Start of RECORDS FOR THE EXERCISE

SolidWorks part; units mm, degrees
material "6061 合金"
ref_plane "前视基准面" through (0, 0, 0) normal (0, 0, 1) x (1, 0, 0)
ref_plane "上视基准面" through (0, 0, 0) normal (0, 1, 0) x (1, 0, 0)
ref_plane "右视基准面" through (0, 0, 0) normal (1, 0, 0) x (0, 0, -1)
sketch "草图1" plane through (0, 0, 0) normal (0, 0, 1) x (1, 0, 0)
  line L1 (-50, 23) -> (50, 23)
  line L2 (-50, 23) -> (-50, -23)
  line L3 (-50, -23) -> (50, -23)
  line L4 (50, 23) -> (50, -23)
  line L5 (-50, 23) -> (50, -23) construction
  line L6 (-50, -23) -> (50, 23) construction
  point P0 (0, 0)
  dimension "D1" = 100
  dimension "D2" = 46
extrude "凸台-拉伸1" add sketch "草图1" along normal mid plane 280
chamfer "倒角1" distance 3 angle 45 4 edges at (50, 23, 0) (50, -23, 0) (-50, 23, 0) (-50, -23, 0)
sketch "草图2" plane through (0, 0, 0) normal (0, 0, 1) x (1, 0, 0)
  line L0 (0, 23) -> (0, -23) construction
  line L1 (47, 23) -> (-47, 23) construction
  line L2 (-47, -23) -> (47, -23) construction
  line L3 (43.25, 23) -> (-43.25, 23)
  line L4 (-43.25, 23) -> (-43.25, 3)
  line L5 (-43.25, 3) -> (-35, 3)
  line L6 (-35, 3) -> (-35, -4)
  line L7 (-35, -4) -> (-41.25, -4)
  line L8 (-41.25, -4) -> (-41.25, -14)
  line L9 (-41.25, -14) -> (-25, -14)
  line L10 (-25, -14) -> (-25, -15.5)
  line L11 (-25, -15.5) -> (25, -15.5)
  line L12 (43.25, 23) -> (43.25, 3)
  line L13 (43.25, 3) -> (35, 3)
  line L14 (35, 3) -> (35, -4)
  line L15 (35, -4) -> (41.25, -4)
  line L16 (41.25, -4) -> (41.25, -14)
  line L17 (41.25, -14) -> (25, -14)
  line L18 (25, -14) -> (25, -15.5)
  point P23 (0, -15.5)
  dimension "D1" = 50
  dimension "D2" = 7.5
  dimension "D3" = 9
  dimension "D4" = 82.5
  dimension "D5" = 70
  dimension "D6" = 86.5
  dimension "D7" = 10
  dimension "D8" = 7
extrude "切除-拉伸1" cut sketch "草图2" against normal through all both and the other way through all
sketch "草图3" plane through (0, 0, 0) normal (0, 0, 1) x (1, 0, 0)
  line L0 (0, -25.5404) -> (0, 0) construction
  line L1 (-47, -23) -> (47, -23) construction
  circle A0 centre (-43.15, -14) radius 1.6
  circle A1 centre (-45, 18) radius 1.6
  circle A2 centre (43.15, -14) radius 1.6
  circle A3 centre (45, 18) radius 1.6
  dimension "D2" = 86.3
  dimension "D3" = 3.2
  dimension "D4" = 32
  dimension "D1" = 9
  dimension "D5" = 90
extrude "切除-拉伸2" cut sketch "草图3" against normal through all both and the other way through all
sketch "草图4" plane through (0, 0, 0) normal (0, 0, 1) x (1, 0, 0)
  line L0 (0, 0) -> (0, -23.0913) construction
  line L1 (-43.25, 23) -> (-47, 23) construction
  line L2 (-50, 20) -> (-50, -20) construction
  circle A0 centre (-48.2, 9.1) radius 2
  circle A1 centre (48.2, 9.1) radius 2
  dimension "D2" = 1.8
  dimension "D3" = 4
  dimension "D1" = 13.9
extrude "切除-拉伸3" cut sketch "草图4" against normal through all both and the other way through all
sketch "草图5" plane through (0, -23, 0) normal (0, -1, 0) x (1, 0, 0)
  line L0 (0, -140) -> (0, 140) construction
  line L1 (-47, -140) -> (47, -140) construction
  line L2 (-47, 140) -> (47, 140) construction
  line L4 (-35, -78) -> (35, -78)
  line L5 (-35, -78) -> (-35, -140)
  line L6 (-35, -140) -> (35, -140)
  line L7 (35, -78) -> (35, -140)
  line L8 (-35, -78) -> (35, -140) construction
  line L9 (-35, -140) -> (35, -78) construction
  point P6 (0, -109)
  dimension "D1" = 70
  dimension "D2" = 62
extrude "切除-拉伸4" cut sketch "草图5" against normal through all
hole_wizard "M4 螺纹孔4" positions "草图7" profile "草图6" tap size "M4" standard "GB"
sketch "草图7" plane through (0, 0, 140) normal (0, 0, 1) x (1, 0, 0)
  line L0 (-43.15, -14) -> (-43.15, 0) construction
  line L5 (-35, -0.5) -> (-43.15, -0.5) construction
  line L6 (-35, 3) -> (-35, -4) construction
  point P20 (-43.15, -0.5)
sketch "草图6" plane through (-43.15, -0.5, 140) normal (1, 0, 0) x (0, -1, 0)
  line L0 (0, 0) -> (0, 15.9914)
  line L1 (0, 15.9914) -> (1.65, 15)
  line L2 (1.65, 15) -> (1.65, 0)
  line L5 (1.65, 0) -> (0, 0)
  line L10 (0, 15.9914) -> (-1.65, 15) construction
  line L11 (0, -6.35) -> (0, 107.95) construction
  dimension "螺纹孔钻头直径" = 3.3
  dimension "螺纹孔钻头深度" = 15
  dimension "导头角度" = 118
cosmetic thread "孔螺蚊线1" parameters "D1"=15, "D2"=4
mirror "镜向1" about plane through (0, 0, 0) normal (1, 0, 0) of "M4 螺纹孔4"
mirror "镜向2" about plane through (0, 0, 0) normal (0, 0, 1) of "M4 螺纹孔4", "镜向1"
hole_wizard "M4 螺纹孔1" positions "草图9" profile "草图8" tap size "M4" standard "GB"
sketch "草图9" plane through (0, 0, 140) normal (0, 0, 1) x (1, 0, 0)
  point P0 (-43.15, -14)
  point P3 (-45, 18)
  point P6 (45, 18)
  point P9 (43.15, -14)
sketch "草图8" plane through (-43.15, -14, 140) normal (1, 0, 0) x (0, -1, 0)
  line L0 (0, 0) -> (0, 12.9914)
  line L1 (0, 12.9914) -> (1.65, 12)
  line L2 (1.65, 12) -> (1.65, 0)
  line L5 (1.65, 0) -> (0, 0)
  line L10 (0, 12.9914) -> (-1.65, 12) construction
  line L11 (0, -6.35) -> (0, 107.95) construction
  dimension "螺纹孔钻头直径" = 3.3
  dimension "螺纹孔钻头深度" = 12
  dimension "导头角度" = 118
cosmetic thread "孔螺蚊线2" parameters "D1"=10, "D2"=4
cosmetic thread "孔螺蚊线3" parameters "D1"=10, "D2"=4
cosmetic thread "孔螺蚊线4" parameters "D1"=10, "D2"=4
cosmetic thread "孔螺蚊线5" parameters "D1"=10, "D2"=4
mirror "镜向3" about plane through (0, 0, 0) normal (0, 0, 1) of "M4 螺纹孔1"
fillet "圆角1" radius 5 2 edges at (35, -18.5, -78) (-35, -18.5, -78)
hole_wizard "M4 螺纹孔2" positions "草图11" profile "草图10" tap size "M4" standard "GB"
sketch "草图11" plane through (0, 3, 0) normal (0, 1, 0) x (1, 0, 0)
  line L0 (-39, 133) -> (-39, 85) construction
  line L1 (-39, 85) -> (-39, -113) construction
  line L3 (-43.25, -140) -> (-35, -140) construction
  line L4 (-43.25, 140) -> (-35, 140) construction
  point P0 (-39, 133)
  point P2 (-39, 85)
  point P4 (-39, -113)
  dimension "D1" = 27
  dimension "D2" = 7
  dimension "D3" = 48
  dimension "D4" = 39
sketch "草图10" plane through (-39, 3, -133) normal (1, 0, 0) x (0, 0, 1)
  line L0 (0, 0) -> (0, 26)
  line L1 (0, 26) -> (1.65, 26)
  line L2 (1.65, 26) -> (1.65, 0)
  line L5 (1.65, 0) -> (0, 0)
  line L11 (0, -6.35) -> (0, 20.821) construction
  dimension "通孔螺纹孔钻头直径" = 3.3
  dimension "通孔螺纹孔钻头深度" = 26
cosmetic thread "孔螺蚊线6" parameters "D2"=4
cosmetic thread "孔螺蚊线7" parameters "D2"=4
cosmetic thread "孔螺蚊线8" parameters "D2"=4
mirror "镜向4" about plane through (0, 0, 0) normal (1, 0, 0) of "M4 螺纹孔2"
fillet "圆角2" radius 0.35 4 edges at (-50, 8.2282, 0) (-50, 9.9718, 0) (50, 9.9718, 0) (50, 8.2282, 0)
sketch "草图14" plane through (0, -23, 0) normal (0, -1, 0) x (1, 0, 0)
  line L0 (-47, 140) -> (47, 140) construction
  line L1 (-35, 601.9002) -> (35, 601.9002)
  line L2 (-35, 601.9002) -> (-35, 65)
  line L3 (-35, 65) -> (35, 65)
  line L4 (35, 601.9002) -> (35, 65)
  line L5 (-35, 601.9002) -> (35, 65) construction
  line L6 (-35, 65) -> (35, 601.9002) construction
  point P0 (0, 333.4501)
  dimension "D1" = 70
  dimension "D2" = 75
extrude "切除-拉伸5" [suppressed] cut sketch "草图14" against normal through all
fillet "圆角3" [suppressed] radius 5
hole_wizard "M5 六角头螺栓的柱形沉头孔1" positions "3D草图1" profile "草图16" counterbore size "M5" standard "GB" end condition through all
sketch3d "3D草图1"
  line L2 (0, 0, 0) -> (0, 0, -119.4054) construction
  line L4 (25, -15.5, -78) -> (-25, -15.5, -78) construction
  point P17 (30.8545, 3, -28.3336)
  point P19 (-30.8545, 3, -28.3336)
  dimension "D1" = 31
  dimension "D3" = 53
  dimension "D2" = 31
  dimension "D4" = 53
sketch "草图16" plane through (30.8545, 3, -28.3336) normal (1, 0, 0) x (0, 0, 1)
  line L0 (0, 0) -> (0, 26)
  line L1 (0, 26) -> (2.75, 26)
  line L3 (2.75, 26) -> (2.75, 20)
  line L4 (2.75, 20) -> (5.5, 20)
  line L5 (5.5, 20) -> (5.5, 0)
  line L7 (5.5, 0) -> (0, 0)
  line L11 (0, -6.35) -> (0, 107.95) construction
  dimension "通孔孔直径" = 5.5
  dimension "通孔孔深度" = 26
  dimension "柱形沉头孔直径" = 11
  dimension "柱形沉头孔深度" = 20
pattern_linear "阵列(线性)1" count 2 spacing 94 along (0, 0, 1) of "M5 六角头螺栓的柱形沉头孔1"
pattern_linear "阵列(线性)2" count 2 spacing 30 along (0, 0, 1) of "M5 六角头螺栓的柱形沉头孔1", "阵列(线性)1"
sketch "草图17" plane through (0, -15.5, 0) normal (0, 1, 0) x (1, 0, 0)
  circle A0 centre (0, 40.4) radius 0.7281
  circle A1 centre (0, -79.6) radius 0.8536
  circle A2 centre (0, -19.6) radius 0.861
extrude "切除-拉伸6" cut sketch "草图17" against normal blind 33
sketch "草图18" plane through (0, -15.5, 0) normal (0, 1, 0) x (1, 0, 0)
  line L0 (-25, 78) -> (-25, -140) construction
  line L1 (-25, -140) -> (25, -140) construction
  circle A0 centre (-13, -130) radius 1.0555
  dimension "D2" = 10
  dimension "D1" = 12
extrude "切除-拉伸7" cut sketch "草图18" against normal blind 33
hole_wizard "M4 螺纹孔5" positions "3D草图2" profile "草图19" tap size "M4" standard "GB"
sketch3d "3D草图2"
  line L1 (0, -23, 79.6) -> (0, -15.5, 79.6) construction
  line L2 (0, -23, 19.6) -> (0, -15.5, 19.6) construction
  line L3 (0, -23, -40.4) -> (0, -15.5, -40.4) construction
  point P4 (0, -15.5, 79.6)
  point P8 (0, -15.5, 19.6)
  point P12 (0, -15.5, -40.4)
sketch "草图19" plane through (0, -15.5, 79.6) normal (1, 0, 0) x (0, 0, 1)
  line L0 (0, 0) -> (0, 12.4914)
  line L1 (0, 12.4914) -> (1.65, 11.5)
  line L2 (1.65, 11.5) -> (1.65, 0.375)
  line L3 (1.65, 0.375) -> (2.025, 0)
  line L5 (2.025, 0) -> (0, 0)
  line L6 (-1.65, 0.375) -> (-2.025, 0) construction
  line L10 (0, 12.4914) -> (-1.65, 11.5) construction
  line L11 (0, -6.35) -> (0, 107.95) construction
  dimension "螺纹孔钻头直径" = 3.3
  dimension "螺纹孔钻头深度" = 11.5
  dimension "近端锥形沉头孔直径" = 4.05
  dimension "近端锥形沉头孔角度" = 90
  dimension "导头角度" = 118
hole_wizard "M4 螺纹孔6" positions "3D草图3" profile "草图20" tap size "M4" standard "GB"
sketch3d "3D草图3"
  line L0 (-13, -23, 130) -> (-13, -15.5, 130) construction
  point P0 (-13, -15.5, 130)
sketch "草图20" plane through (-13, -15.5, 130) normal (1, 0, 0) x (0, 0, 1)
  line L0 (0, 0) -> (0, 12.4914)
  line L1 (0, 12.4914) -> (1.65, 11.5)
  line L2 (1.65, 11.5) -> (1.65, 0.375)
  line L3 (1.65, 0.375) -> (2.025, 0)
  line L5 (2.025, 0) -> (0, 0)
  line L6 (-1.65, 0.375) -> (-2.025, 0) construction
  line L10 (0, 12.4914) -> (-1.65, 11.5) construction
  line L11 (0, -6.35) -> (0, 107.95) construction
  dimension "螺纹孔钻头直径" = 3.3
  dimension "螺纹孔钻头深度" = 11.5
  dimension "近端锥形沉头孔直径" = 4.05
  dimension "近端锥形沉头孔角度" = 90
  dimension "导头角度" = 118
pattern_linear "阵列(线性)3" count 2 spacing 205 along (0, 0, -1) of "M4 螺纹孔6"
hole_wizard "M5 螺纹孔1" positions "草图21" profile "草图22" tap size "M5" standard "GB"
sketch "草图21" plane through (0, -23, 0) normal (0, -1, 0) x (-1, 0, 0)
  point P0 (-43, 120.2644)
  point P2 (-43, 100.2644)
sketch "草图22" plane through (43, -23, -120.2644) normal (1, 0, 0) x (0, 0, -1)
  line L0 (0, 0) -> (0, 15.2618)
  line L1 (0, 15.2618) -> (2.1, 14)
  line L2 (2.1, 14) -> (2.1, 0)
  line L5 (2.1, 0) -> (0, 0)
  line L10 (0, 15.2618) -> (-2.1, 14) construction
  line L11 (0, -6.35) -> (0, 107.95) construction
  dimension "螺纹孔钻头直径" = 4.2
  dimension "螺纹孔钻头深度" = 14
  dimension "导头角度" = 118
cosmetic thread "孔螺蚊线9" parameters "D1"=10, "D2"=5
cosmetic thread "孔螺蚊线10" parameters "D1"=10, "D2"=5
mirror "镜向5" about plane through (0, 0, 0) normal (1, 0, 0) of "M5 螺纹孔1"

End of RECORDS FOR THE EXERCISE

*TASK OBJECTIVE:* Every line above that contains the word "edges" should be reported.

*ANSWER SPACE:*
chamfer "倒角1" distance 3 angle 45 4 edges at (50, 23, 0) (50, -23, 0) (-50, 23, 0) (-50, -23, 0)
fillet "圆角1" radius 5 2 edges at (35, -18.5, -78) (-35, -18.5, -78)
fillet "圆角2" radius 0.35 4 edges at (-50, 8.2282, 0) (-50, 9.9718, 0) (50, 9.9718, 0) (50, 8.2282, 0)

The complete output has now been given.